WHAT THIS TASK INVOLVES
Say how many lines in the records contain the string "WALL". Nothing but the number should be given.

Stored data entries
━━━━━━━━━━━━━━━━━━━━

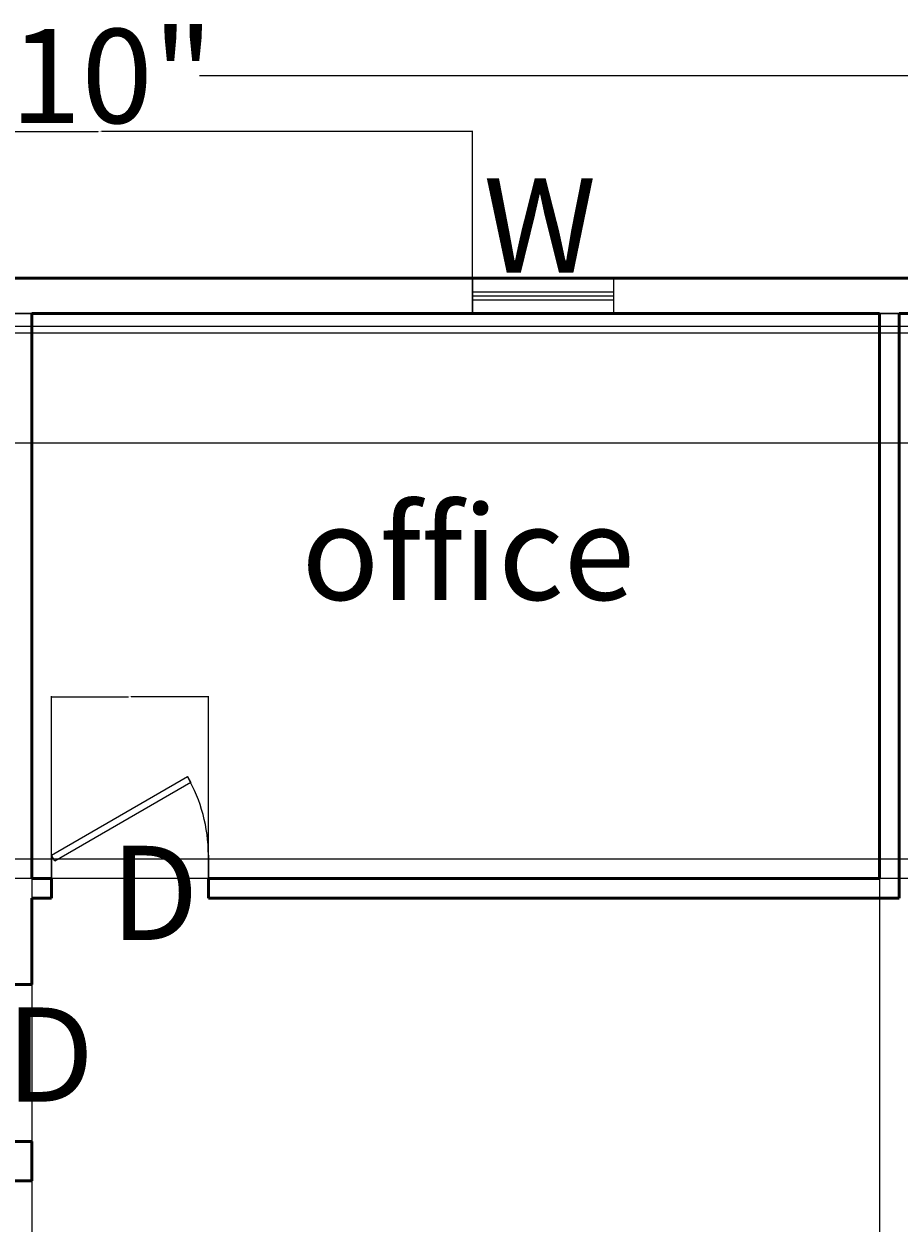
# Model space of a CAD drawing. Units: inches. Extents: x -84 to 931, y 65 to 668.
# Tile 4 of 5: x 426 to 649, y 363 to 668. Entities that reach past the tile are written whole.
import ezdxf

# ---------------------------------------------------------------- set-up
doc = ezdxf.new("R2010")
doc.units = ezdxf.units.IN
doc.header["$MEASUREMENT"] = 0
for name, color, linetype, lineweight in [('A-ANNO-DIMS', 2, 'Continuous', 18), ('A-ANNO-TEXT', 7, 'Continuous', 18), ('A-AREA-IDEN', 7, 'Continuous', 25), ('A-DOOR', 4, 'Continuous', 25), ('A-GLAZ', 4, 'Continuous', 18), ('A-WALL', 7, 'Continuous', 50)]:
    doc.layers.add(name, color=color, linetype=linetype, lineweight=lineweight)
doc.styles.get("Standard").update_dxf_attribs({"font": 'arial.ttf'})
doc.dimstyles.get("Standard").update_dxf_attribs({"dimtxt": 0.18, "dimasz": 0.18, "dimexe": 0.18, "dimexo": 0.0625, "dimgap": 0.09, "dimtad": 0, "dimtih": 1, "dimtoh": 1, "dimdec": 0, "dimzin": 0, "dimdsep": 46, "dimlunit": 3, "dimtxsty": 'Standard', "dimcen": 0.09, "dimadec": 0, "dimazin": 0, "dimtfac": 1, "dimtdec": 0, "dimtofl": 0, "dimtmove": 0, "dimatfit": 3, "dimfxl": 1, "dimtolj": 1, "dimtzin": 0, "dimarcsym": 0})

# ---------------------------------------------------------------- blocks, each defined once
blk = doc.blocks.new('*U4')
for p, q in [((0, 0), (0, -6)), ((40, 0), (40, -6))]:
    blk.add_line(p, q)
blk.add_lwpolyline([(0, 0), (34.64, 20), (35.52, 18.48), (0.87, -1.52)], close=True)
blk.add_arc((0, 0), 40, 0, 30)
blk = doc.blocks.new('*D17')
at = {"layer": 'A-ANNO-DIMS', "color": 0, "lineweight": -2, "transparency": 16777216}
for p, q in [((0.53, 603.58), (0.53, 655.22)), ((0.71, 655.04), (368.83, 655.04)), ((838.35, 655.04), (470.23, 655.04)), ((838.53, 603.58), (838.53, 655.22))]:
    blk.add_line(p, q, dxfattribs=at)
at = {"layer": 'A-ANNO-DIMS', "color": 0, "transparency": 16777216}
for points in [[(0.71, 655.07), (0.71, 655.01), (0.53, 655.04)], [(838.35, 655.07), (838.35, 655.01), (838.53, 655.04)]]:
    blk.add_solid(points, dxfattribs=at)
at = {"layer": 'Defpoints', "color": 0, "transparency": 16777216}
for p in [(838.53, 655.04), (0.53, 603.52), (838.53, 603.52)]:
    blk.add_point(p, dxfattribs=at)
at = {"layer": 'A-ANNO-DIMS', "color": 0, "transparency": 16777216, "insert": (419.53, 655.04), "char_height": 0.18, "attachment_point": 5}
blk.add_mtext('\\A1;{\\H133.33333x;69\'-10"}', dxfattribs=at)
blk = doc.blocks.new('WIN-36IN')
for p, q in [((3.5, 0), (3.5, 36)), ((4.5, 0), (4.5, 36)), ((5.5, 0), (5.5, 36))]:
    blk.add_line(p, q)
blk.add_lwpolyline([(0, 36), (0, 0), (9, 0), (9, 36)], close=True)
blk = doc.blocks.new('*D35')
at = {"layer": 'A-ANNO-DIMS', "color": 0, "lineweight": -2, "transparency": 16777216}
for p, q in [((349.85, 594.58), (349.85, 641.05)), ((350.03, 640.87), (444.4, 640.87)), ((539.69, 640.87), (445.32, 640.87)), ((539.87, 594.58), (539.87, 641.05))]:
    blk.add_line(p, q, dxfattribs=at)
at = {"layer": 'A-ANNO-DIMS', "color": 0, "transparency": 16777216}
for points in [[(350.03, 640.9), (350.03, 640.84), (349.85, 640.87)], [(539.69, 640.9), (539.69, 640.84), (539.87, 640.87)]]:
    blk.add_solid(points, dxfattribs=at)
at = {"layer": 'Defpoints', "color": 0, "transparency": 16777216}
for p in [(539.87, 640.87), (349.85, 594.52), (539.87, 594.52)]:
    blk.add_point(p, dxfattribs=at)
at = {"layer": 'A-ANNO-DIMS', "color": 0, "transparency": 16777216, "insert": (444.86, 640.87), "char_height": 0.18, "attachment_point": 5}
blk.add_mtext('\\A1;15\'-10"', dxfattribs=at)
blk = doc.blocks.new('*D38')
at = {"layer": 'A-ANNO-DIMS', "color": 0, "lineweight": -2, "transparency": 16777216}
for p, q in [((427.53, 594.45), (427.53, 64.99)), ((643.53, 594.45), (643.53, 64.99)), ((427.71, 65.17), (535.14, 65.17)), ((643.35, 65.17), (535.92, 65.17))]:
    blk.add_line(p, q, dxfattribs=at)
at = {"layer": 'A-ANNO-DIMS', "color": 0, "transparency": 16777216}
for points in [[(427.71, 65.2), (427.71, 65.14), (427.53, 65.17)], [(643.35, 65.2), (643.35, 65.14), (643.53, 65.17)]]:
    blk.add_solid(points, dxfattribs=at)
at = {"layer": 'Defpoints', "color": 0, "transparency": 16777216}
for p in [(427.53, 594.52), (643.53, 594.52), (643.53, 65.17)]:
    blk.add_point(p, dxfattribs=at)
at = {"layer": 'A-ANNO-DIMS', "color": 0, "transparency": 16777216, "insert": (535.53, 65.17), "char_height": 0.18, "attachment_point": 5}
blk.add_mtext('\\A1;18\'-0"', dxfattribs=at)
blk = doc.blocks.new('*D55')
at = {"layer": 'A-ANNO-DIMS', "color": 0, "lineweight": -2, "transparency": 16777216}
for p, q in [((704.47, 589.52), (-84, 589.52)), ((-83.82, 589.34), (-83.82, 575.7)), ((-83.82, 561.7), (-83.82, 575.34)), ((704.47, 561.52), (-84, 561.52))]:
    blk.add_line(p, q, dxfattribs=at)
at = {"layer": 'A-ANNO-DIMS', "color": 0, "transparency": 16777216}
for points in [[(-83.85, 589.34), (-83.79, 589.34), (-83.82, 589.52)], [(-83.85, 561.7), (-83.79, 561.7), (-83.82, 561.52)]]:
    blk.add_solid(points, dxfattribs=at)
at = {"layer": 'Defpoints', "color": 0, "transparency": 16777216}
for p in [(-83.82, 589.52), (704.53, 589.52), (704.53, 561.52)]:
    blk.add_point(p, dxfattribs=at)
at = {"layer": 'A-ANNO-DIMS', "color": 0, "transparency": 16777216, "insert": (-83.82, 575.52), "char_height": 0.18, "attachment_point": 5}
blk.add_mtext('\\A1;2\'-4"', dxfattribs=at)
blk = doc.blocks.new('*D62')
at = {"layer": 'A-ANNO-DIMS', "color": 0, "lineweight": -2, "transparency": 16777216}
for p, q in [((643.59, 594.52), (931.06, 594.52)), ((930.88, 594.34), (930.88, 522.7)), ((930.88, 450.7), (930.88, 522.33)), ((829.59, 450.52), (931.06, 450.52))]:
    blk.add_line(p, q, dxfattribs=at)
at = {"layer": 'A-ANNO-DIMS', "color": 0, "transparency": 16777216}
for points in [[(930.85, 594.34), (930.91, 594.34), (930.88, 594.52)], [(930.85, 450.7), (930.91, 450.7), (930.88, 450.52)]]:
    blk.add_solid(points, dxfattribs=at)
at = {"layer": 'Defpoints', "color": 0, "transparency": 16777216}
for p in [(643.53, 594.52), (829.53, 450.52), (930.88, 450.52)]:
    blk.add_point(p, dxfattribs=at)
at = {"layer": 'A-ANNO-DIMS', "color": 0, "transparency": 16777216, "insert": (930.88, 522.52), "char_height": 0.18, "attachment_point": 5}
blk.add_mtext('\\A1;12\'-0"', dxfattribs=at)
blk = doc.blocks.new('*D76')
at = {"layer": 'A-ANNO-DIMS', "color": 0, "lineweight": -2, "transparency": 16777216}
for p, q in [((297.59, 594.52), (931.06, 594.52)), ((930.88, 594.34), (930.88, 593.09)), ((263.98, 591.29), (931.06, 591.29)), ((930.88, 591.47), (930.88, 592.72))]:
    blk.add_line(p, q, dxfattribs=at)
at = {"layer": 'A-ANNO-DIMS', "color": 0, "transparency": 16777216}
for points in [[(930.85, 594.34), (930.91, 594.34), (930.88, 594.52)], [(930.85, 591.47), (930.91, 591.47), (930.88, 591.29)]]:
    blk.add_solid(points, dxfattribs=at)
at = {"layer": 'Defpoints', "color": 0, "transparency": 16777216}
for p in [(297.53, 594.52), (930.88, 594.52), (263.92, 591.29)]:
    blk.add_point(p, dxfattribs=at)
at = {"layer": 'A-ANNO-DIMS', "color": 0, "transparency": 16777216, "insert": (930.88, 592.9), "char_height": 0.18, "attachment_point": 5}
blk.add_mtext('\\A1;0\'-3"', dxfattribs=at)
blk = doc.blocks.new('*D83')
at = {"layer": 'A-ANNO-DIMS', "color": 0, "lineweight": -2, "transparency": 16777216}
for p, q in [((709.47, 594.52), (-84, 594.52)), ((-83.82, 594.34), (-83.82, 592.2)), ((-83.82, 589.7), (-83.82, 591.83)), ((709.47, 589.52), (-84, 589.52))]:
    blk.add_line(p, q, dxfattribs=at)
at = {"layer": 'A-ANNO-DIMS', "color": 0, "transparency": 16777216}
for points in [[(-83.85, 594.34), (-83.79, 594.34), (-83.82, 594.52)], [(-83.85, 589.7), (-83.79, 589.7), (-83.82, 589.52)]]:
    blk.add_solid(points, dxfattribs=at)
at = {"layer": 'Defpoints', "color": 0, "transparency": 16777216}
for p in [(-83.82, 594.52), (709.53, 594.52), (709.53, 589.52)]:
    blk.add_point(p, dxfattribs=at)
at = {"layer": 'A-ANNO-DIMS', "color": 0, "transparency": 16777216, "insert": (-83.82, 592.02), "char_height": 0.18, "attachment_point": 5}
blk.add_mtext('\\A1;0\'-5"', dxfattribs=at)
blk = doc.blocks.new('*D84')
at = {"layer": 'A-ANNO-DIMS', "color": 0, "lineweight": -2, "transparency": 16777216}
for p, q in [((709.47, 455.52), (-84, 455.52)), ((-83.82, 455.34), (-83.82, 453.2)), ((-83.82, 450.7), (-83.82, 452.83)), ((709.47, 450.52), (-84, 450.52))]:
    blk.add_line(p, q, dxfattribs=at)
at = {"layer": 'A-ANNO-DIMS', "color": 0, "transparency": 16777216}
for points in [[(-83.85, 455.34), (-83.79, 455.34), (-83.82, 455.52)], [(-83.85, 450.7), (-83.79, 450.7), (-83.82, 450.52)]]:
    blk.add_solid(points, dxfattribs=at)
at = {"layer": 'Defpoints', "color": 0, "transparency": 16777216}
for p in [(709.53, 455.52), (-83.82, 450.52), (709.53, 450.52)]:
    blk.add_point(p, dxfattribs=at)
at = {"layer": 'A-ANNO-DIMS', "color": 0, "transparency": 16777216, "insert": (-83.82, 453.02), "char_height": 0.18, "attachment_point": 5}
blk.add_mtext('\\A1;0\'-5"', dxfattribs=at)
blk = doc.blocks.new('*D86')
at = {"layer": 'A-ANNO-DIMS', "color": 0, "lineweight": -2, "transparency": 16777216}
for p, q in [((432.53, 450.58), (432.53, 497.05)), ((432.71, 496.87), (452.2, 496.87)), ((472.35, 496.87), (452.86, 496.87)), ((472.53, 450.58), (472.53, 497.05))]:
    blk.add_line(p, q, dxfattribs=at)
at = {"layer": 'A-ANNO-DIMS', "color": 0, "transparency": 16777216}
for points in [[(432.71, 496.9), (432.71, 496.84), (432.53, 496.87)], [(472.35, 496.9), (472.35, 496.84), (472.53, 496.87)]]:
    blk.add_solid(points, dxfattribs=at)
at = {"layer": 'Defpoints', "color": 0, "transparency": 16777216}
for p in [(472.53, 496.87), (432.53, 450.52), (472.53, 450.52)]:
    blk.add_point(p, dxfattribs=at)
at = {"layer": 'A-ANNO-DIMS', "color": 0, "transparency": 16777216, "insert": (452.53, 496.87), "char_height": 0.18, "attachment_point": 5}
blk.add_mtext('\\A1;3\'-4"', dxfattribs=at)

msp = doc.modelspace()

# ---------------------------------------------------------------- linework, layer by layer
at = {"layer": 'A-WALL'}
for p, q in [((672.53, 603.52), (0.53, 603.52)), ((427.53, 594.52), (427.53, 450.52)), ((643.53, 594.52), (427.53, 594.52)), ((643.53, 594.52), (643.53, 450.52)), ((648.53, 594.52), (648.53, 445.52)), ((704.53, 594.52), (648.53, 594.52)), ((432.53, 450.52), (427.53, 450.52)), ((432.53, 450.52), (432.53, 445.52)), ((643.53, 450.52), (472.53, 450.52)), ((472.53, 450.52), (472.53, 445.52)), ((427.53, 445.52), (427.53, 423.52)), ((432.53, 445.52), (427.53, 445.52)), ((648.53, 445.52), (472.53, 445.52)), ((422.53, 423.52), (427.53, 423.52)), ((422.53, 383.52), (427.53, 383.52)), ((427.53, 383.52), (427.53, 373.52)), ((427.53, 373.52), (292.53, 373.52))]:
    msp.add_line(p, q, dxfattribs=at)

# ---------------------------------------------------------------- block references
at = {"layer": 'A-DOOR'}
msp.add_blockref('*U4', (432.53, 456.52), dxfattribs=at)
at = {"layer": 'A-GLAZ', "rotation": 269.9999999999999}
msp.add_blockref('WIN-36IN', (539.87, 603.52), dxfattribs=at)

# ---------------------------------------------------------------- texts
at = {"layer": 'A-ANNO-TEXT', "char_height": 24, "attachment_point": 1}
for s, width, insert in [('W', 20.4711, (542.63, 628.94)), ('D', 21.9508, (447.51, 458.88)), ('D', 21.9508, (420.9, 417.69))]:
    msp.add_mtext_dynamic_manual_height_columns(s, width=width, gutter_width=1, heights=[0], dxfattribs=dict(at, insert=insert))
at = {"layer": 'A-AREA-IDEN', "insert": (496.24, 545.54), "char_height": 24, "attachment_point": 1}
msp.add_mtext_dynamic_manual_height_columns('office', width=70.4822, gutter_width=1, heights=[0], dxfattribs=at)

# ---------------------------------------------------------------- dimensions: what is measured, and where the dimension line sits
at = {"layer": 'A-ANNO-DIMS'}
dim = msp.add_linear_dim(base=(838.53, 655.04), p1=(0.53, 603.52), p2=(838.53, 603.52), text='{\\H133.33333x;<>}', dimstyle='Standard', override={"dimclrd": 0, "dimclre": 0, "dimclrt": 0}, dxfattribs=at)
dim.commit()
dim.dimension.update_dxf_attribs({"geometry": '*D17', "text_midpoint": (419.53, 655.04)})
for base, p1, p2, picture, middle in [((539.87, 640.87), (349.85, 594.52), (539.87, 594.52), '*D35', (444.86, 640.87)), ((643.53, 65.17), (427.53, 594.52), (643.53, 594.52), '*D38', (535.53, 65.17)), ((472.53, 496.87), (432.53, 450.52), (472.53, 450.52), '*D86', (452.53, 496.87))]:
    dim = msp.add_linear_dim(base=base, p1=p1, p2=p2, dimstyle='Standard', override={"dimdec": 1, "dimlfac": 1, "dimrnd": 0, "dimzin": 1, "dimdsep": 46, "dimlunit": 4, "dimfrac": 2}, dxfattribs=at)
    dim.commit()
    dim.dimension.update_dxf_attribs({"geometry": picture, "text_midpoint": middle})
for base, p1, p2, picture, middle in [((-83.82, 594.52), (709.53, 589.52), (709.53, 594.52), '*D83', (-83.82, 592.02)), ((930.88, 594.52), (263.92, 591.29), (297.53, 594.52), '*D76', (930.88, 592.9)), ((930.88, 450.52), (643.53, 594.52), (829.53, 450.52), '*D62', (930.88, 522.52)), ((-83.82, 589.52), (704.53, 561.52), (704.53, 589.52), '*D55', (-83.82, 575.52)), ((-83.82, 450.52), (709.53, 455.52), (709.53, 450.52), '*D84', (-83.82, 453.02))]:
    dim = msp.add_linear_dim(base=base, p1=p1, p2=p2, angle=90, dimstyle='Standard', override={"dimdec": 1, "dimlfac": 1, "dimrnd": 0, "dimzin": 1, "dimdsep": 46, "dimlunit": 4, "dimfrac": 2}, dxfattribs=at)
    dim.commit()
    dim.dimension.update_dxf_attribs({"geometry": picture, "text_midpoint": middle})

doc.saveas('drawing.dxf')

━━━━━━━━━━━━━━━━━━━━

WRITTEN REPLY
2